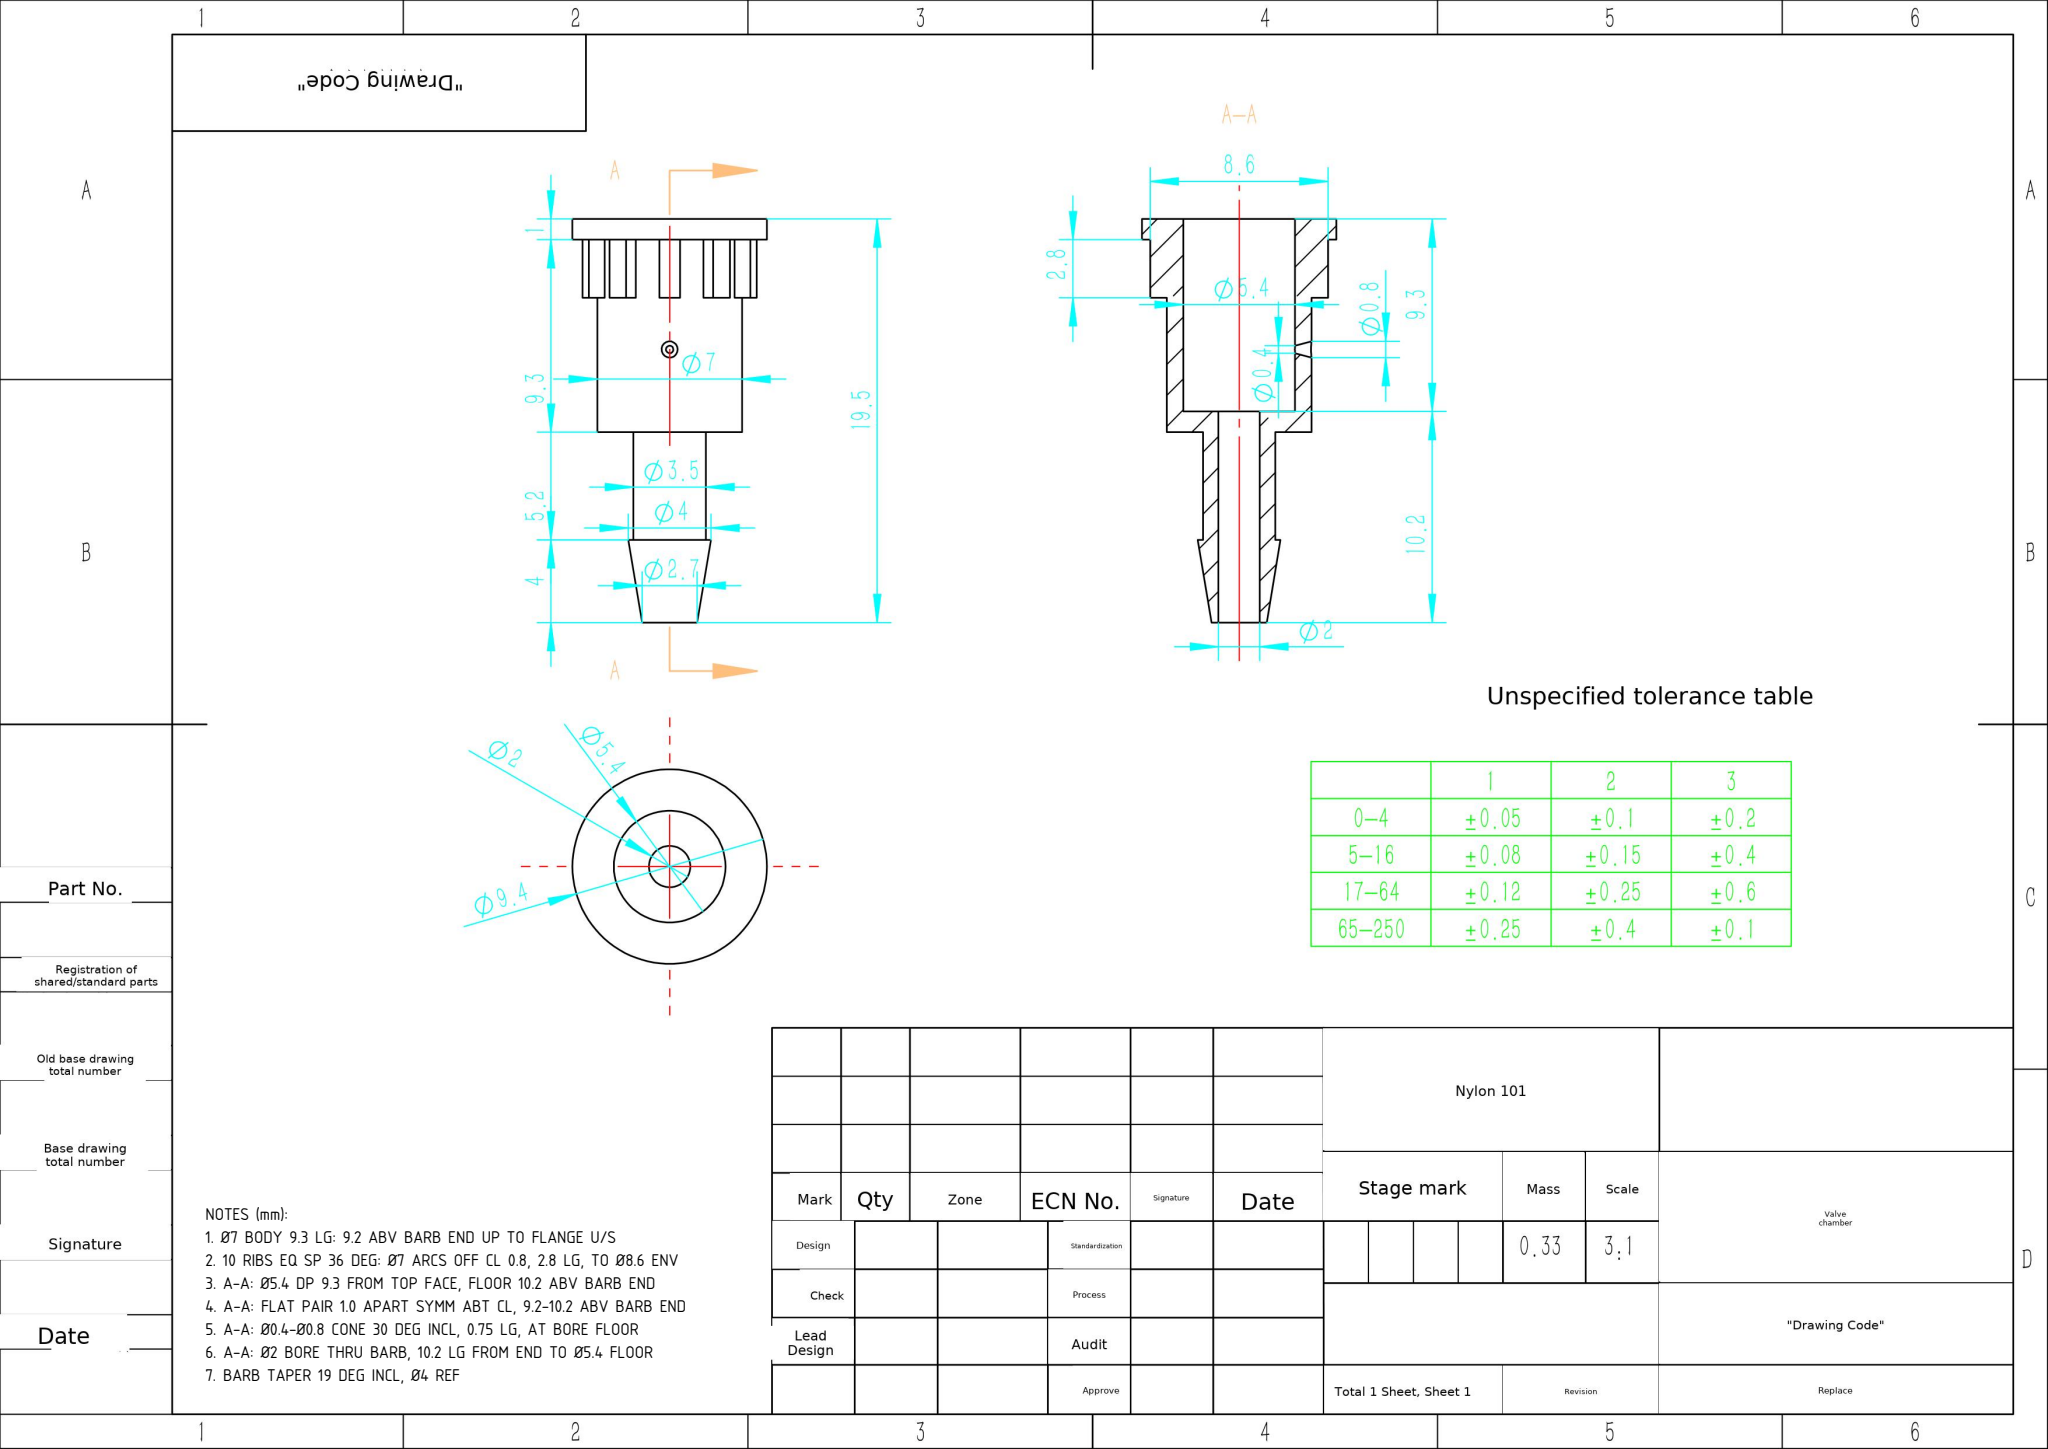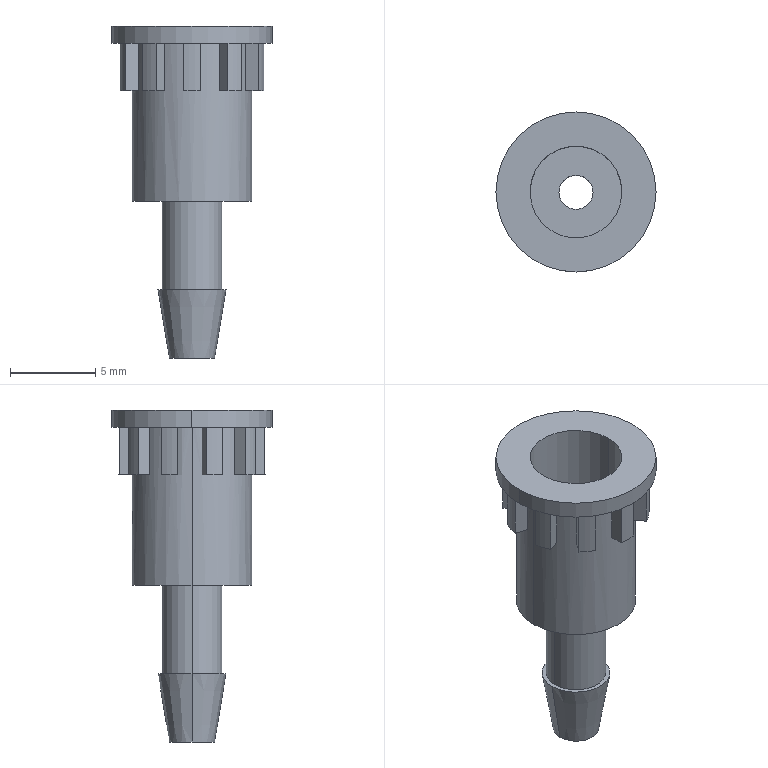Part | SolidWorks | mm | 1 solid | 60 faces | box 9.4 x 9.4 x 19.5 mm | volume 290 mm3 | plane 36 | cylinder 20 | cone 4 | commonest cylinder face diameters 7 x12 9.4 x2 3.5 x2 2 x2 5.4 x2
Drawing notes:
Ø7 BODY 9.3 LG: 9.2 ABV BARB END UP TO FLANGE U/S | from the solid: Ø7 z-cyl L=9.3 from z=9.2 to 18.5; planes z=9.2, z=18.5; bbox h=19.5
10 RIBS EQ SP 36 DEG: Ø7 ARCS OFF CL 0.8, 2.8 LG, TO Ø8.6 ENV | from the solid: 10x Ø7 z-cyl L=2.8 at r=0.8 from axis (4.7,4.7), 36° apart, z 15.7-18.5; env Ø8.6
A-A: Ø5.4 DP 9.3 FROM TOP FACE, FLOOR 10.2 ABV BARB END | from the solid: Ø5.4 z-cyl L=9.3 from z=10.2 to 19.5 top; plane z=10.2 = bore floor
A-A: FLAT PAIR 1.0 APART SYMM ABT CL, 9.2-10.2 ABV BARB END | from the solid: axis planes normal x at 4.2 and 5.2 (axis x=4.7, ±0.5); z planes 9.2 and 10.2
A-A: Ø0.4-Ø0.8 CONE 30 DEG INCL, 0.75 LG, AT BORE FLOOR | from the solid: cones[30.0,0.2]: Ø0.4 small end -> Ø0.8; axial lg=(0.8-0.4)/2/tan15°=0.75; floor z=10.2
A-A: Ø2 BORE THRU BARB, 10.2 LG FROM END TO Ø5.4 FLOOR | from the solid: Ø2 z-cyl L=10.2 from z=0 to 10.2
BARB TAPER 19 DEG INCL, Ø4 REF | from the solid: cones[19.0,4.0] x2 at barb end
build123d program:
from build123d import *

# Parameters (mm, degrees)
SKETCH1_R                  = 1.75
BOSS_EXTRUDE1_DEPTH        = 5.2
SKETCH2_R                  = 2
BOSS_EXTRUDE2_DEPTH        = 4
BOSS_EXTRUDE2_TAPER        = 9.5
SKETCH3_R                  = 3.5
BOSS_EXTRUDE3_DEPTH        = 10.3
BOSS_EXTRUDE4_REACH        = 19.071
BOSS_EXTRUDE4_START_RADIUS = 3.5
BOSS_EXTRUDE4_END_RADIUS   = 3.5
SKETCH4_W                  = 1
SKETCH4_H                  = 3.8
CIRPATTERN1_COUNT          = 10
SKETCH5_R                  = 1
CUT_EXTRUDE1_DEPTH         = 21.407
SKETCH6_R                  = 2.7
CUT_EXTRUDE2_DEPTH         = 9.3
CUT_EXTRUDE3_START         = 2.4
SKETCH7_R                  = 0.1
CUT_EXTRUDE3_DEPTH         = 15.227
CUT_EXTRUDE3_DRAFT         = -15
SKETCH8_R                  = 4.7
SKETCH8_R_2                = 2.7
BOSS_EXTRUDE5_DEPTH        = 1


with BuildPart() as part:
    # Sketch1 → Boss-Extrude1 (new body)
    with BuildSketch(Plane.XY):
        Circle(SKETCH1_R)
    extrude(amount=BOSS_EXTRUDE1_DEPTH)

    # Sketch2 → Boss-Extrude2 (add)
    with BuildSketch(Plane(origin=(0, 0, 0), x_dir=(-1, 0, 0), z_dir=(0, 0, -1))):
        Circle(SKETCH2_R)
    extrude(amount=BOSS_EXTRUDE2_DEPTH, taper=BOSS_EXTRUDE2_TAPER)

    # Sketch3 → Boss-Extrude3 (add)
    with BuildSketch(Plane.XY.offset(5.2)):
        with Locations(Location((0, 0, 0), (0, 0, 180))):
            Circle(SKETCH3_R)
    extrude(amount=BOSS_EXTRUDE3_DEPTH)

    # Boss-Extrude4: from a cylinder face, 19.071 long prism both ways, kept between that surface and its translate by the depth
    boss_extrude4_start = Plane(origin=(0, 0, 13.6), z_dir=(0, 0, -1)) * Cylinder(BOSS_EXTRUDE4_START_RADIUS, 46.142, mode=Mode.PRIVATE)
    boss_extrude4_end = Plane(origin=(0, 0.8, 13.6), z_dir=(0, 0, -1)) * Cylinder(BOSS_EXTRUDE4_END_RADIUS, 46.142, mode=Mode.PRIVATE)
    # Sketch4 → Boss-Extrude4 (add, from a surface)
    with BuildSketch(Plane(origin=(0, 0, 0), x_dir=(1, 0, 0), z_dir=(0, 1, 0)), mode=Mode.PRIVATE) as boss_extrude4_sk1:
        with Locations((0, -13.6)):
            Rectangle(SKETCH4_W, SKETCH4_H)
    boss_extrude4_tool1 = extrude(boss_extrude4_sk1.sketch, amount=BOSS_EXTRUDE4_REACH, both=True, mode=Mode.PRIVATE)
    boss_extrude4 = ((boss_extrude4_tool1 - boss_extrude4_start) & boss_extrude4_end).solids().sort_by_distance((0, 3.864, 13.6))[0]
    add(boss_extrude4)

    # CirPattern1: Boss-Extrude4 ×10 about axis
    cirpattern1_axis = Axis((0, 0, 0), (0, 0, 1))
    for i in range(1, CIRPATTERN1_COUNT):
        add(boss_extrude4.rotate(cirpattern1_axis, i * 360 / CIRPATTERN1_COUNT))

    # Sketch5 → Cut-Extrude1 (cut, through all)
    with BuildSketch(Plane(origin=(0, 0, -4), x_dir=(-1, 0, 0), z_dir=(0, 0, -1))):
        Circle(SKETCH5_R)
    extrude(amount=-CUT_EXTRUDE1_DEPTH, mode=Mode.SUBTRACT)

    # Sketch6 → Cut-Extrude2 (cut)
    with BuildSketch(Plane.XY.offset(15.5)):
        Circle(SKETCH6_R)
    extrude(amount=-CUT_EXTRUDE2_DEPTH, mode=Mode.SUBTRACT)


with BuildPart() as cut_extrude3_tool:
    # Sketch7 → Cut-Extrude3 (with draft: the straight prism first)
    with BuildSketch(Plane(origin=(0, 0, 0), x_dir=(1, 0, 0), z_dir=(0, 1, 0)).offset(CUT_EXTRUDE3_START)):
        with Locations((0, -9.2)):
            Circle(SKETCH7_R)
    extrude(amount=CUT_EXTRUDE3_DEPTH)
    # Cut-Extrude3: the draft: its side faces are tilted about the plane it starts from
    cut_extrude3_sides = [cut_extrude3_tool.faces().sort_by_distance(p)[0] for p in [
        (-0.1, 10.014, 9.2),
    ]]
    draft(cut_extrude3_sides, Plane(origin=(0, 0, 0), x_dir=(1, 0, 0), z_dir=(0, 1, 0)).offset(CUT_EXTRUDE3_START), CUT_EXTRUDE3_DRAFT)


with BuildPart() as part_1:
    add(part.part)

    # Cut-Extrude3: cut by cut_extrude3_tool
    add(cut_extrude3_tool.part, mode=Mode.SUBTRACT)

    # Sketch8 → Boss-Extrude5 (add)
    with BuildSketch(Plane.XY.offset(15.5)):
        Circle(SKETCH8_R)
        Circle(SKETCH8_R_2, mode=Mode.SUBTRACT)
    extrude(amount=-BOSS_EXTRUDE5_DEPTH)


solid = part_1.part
┄┄┄┄┄┄┄┄┄┄
## Problem:
Top to bottom, retype the listing exactly but drop every picture.

## Solution to this problem:
Part | SolidWorks | mm | 1 solid | 60 faces | box 9.4 x 9.4 x 19.5 mm | volume 290 mm3 | plane 36 | cylinder 20 | cone 4 | commonest cylinder face diameters 7 x12 9.4 x2 3.5 x2 2 x2 5.4 x2
Drawing notes:
Ø7 BODY 9.3 LG: 9.2 ABV BARB END UP TO FLANGE U/S | from the solid: Ø7 z-cyl L=9.3 from z=9.2 to 18.5; planes z=9.2, z=18.5; bbox h=19.5
10 RIBS EQ SP 36 DEG: Ø7 ARCS OFF CL 0.8, 2.8 LG, TO Ø8.6 ENV | from the solid: 10x Ø7 z-cyl L=2.8 at r=0.8 from axis (4.7,4.7), 36° apart, z 15.7-18.5; env Ø8.6
A-A: Ø5.4 DP 9.3 FROM TOP FACE, FLOOR 10.2 ABV BARB END | from the solid: Ø5.4 z-cyl L=9.3 from z=10.2 to 19.5 top; plane z=10.2 = bore floor
A-A: FLAT PAIR 1.0 APART SYMM ABT CL, 9.2-10.2 ABV BARB END | from the solid: axis planes normal x at 4.2 and 5.2 (axis x=4.7, ±0.5); z planes 9.2 and 10.2
A-A: Ø0.4-Ø0.8 CONE 30 DEG INCL, 0.75 LG, AT BORE FLOOR | from the solid: cones[30.0,0.2]: Ø0.4 small end -> Ø0.8; axial lg=(0.8-0.4)/2/tan15°=0.75; floor z=10.2
A-A: Ø2 BORE THRU BARB, 10.2 LG FROM END TO Ø5.4 FLOOR | from the solid: Ø2 z-cyl L=10.2 from z=0 to 10.2
BARB TAPER 19 DEG INCL, Ø4 REF | from the solid: cones[19.0,4.0] x2 at barb end
build123d program:
from build123d import *

# Parameters (mm, degrees)
SKETCH1_R                  = 1.75
BOSS_EXTRUDE1_DEPTH        = 5.2
SKETCH2_R                  = 2
BOSS_EXTRUDE2_DEPTH        = 4
BOSS_EXTRUDE2_TAPER        = 9.5
SKETCH3_R                  = 3.5
BOSS_EXTRUDE3_DEPTH        = 10.3
BOSS_EXTRUDE4_REACH        = 19.071
BOSS_EXTRUDE4_START_RADIUS = 3.5
BOSS_EXTRUDE4_END_RADIUS   = 3.5
SKETCH4_W                  = 1
SKETCH4_H                  = 3.8
CIRPATTERN1_COUNT          = 10
SKETCH5_R                  = 1
CUT_EXTRUDE1_DEPTH         = 21.407
SKETCH6_R                  = 2.7
CUT_EXTRUDE2_DEPTH         = 9.3
CUT_EXTRUDE3_START         = 2.4
SKETCH7_R                  = 0.1
CUT_EXTRUDE3_DEPTH         = 15.227
CUT_EXTRUDE3_DRAFT         = -15
SKETCH8_R                  = 4.7
SKETCH8_R_2                = 2.7
BOSS_EXTRUDE5_DEPTH        = 1


with BuildPart() as part:
    # Sketch1 → Boss-Extrude1 (new body)
    with BuildSketch(Plane.XY):
        Circle(SKETCH1_R)
    extrude(amount=BOSS_EXTRUDE1_DEPTH)

    # Sketch2 → Boss-Extrude2 (add)
    with BuildSketch(Plane(origin=(0, 0, 0), x_dir=(-1, 0, 0), z_dir=(0, 0, -1))):
        Circle(SKETCH2_R)
    extrude(amount=BOSS_EXTRUDE2_DEPTH, taper=BOSS_EXTRUDE2_TAPER)

    # Sketch3 → Boss-Extrude3 (add)
    with BuildSketch(Plane.XY.offset(5.2)):
        with Locations(Location((0, 0, 0), (0, 0, 180))):
            Circle(SKETCH3_R)
    extrude(amount=BOSS_EXTRUDE3_DEPTH)

    # Boss-Extrude4: from a cylinder face, 19.071 long prism both ways, kept between that surface and its translate by the depth
    boss_extrude4_start = Plane(origin=(0, 0, 13.6), z_dir=(0, 0, -1)) * Cylinder(BOSS_EXTRUDE4_START_RADIUS, 46.142, mode=Mode.PRIVATE)
    boss_extrude4_end = Plane(origin=(0, 0.8, 13.6), z_dir=(0, 0, -1)) * Cylinder(BOSS_EXTRUDE4_END_RADIUS, 46.142, mode=Mode.PRIVATE)
    # Sketch4 → Boss-Extrude4 (add, from a surface)
    with BuildSketch(Plane(origin=(0, 0, 0), x_dir=(1, 0, 0), z_dir=(0, 1, 0)), mode=Mode.PRIVATE) as boss_extrude4_sk1:
        with Locations((0, -13.6)):
            Rectangle(SKETCH4_W, SKETCH4_H)
    boss_extrude4_tool1 = extrude(boss_extrude4_sk1.sketch, amount=BOSS_EXTRUDE4_REACH, both=True, mode=Mode.PRIVATE)
    boss_extrude4 = ((boss_extrude4_tool1 - boss_extrude4_start) & boss_extrude4_end).solids().sort_by_distance((0, 3.864, 13.6))[0]
    add(boss_extrude4)

    # CirPattern1: Boss-Extrude4 ×10 about axis
    cirpattern1_axis = Axis((0, 0, 0), (0, 0, 1))
    for i in range(1, CIRPATTERN1_COUNT):
        add(boss_extrude4.rotate(cirpattern1_axis, i * 360 / CIRPATTERN1_COUNT))

    # Sketch5 → Cut-Extrude1 (cut, through all)
    with BuildSketch(Plane(origin=(0, 0, -4), x_dir=(-1, 0, 0), z_dir=(0, 0, -1))):
        Circle(SKETCH5_R)
    extrude(amount=-CUT_EXTRUDE1_DEPTH, mode=Mode.SUBTRACT)

    # Sketch6 → Cut-Extrude2 (cut)
    with BuildSketch(Plane.XY.offset(15.5)):
        Circle(SKETCH6_R)
    extrude(amount=-CUT_EXTRUDE2_DEPTH, mode=Mode.SUBTRACT)


with BuildPart() as cut_extrude3_tool:
    # Sketch7 → Cut-Extrude3 (with draft: the straight prism first)
    with BuildSketch(Plane(origin=(0, 0, 0), x_dir=(1, 0, 0), z_dir=(0, 1, 0)).offset(CUT_EXTRUDE3_START)):
        with Locations((0, -9.2)):
            Circle(SKETCH7_R)
    extrude(amount=CUT_EXTRUDE3_DEPTH)
    # Cut-Extrude3: the draft: its side faces are tilted about the plane it starts from
    cut_extrude3_sides = [cut_extrude3_tool.faces().sort_by_distance(p)[0] for p in [
        (-0.1, 10.014, 9.2),
    ]]
    draft(cut_extrude3_sides, Plane(origin=(0, 0, 0), x_dir=(1, 0, 0), z_dir=(0, 1, 0)).offset(CUT_EXTRUDE3_START), CUT_EXTRUDE3_DRAFT)


with BuildPart() as part_1:
    add(part.part)

    # Cut-Extrude3: cut by cut_extrude3_tool
    add(cut_extrude3_tool.part, mode=Mode.SUBTRACT)

    # Sketch8 → Boss-Extrude5 (add)
    with BuildSketch(Plane.XY.offset(15.5)):
        Circle(SKETCH8_R)
        Circle(SKETCH8_R_2, mode=Mode.SUBTRACT)
    extrude(amount=-BOSS_EXTRUDE5_DEPTH)


solid = part_1.part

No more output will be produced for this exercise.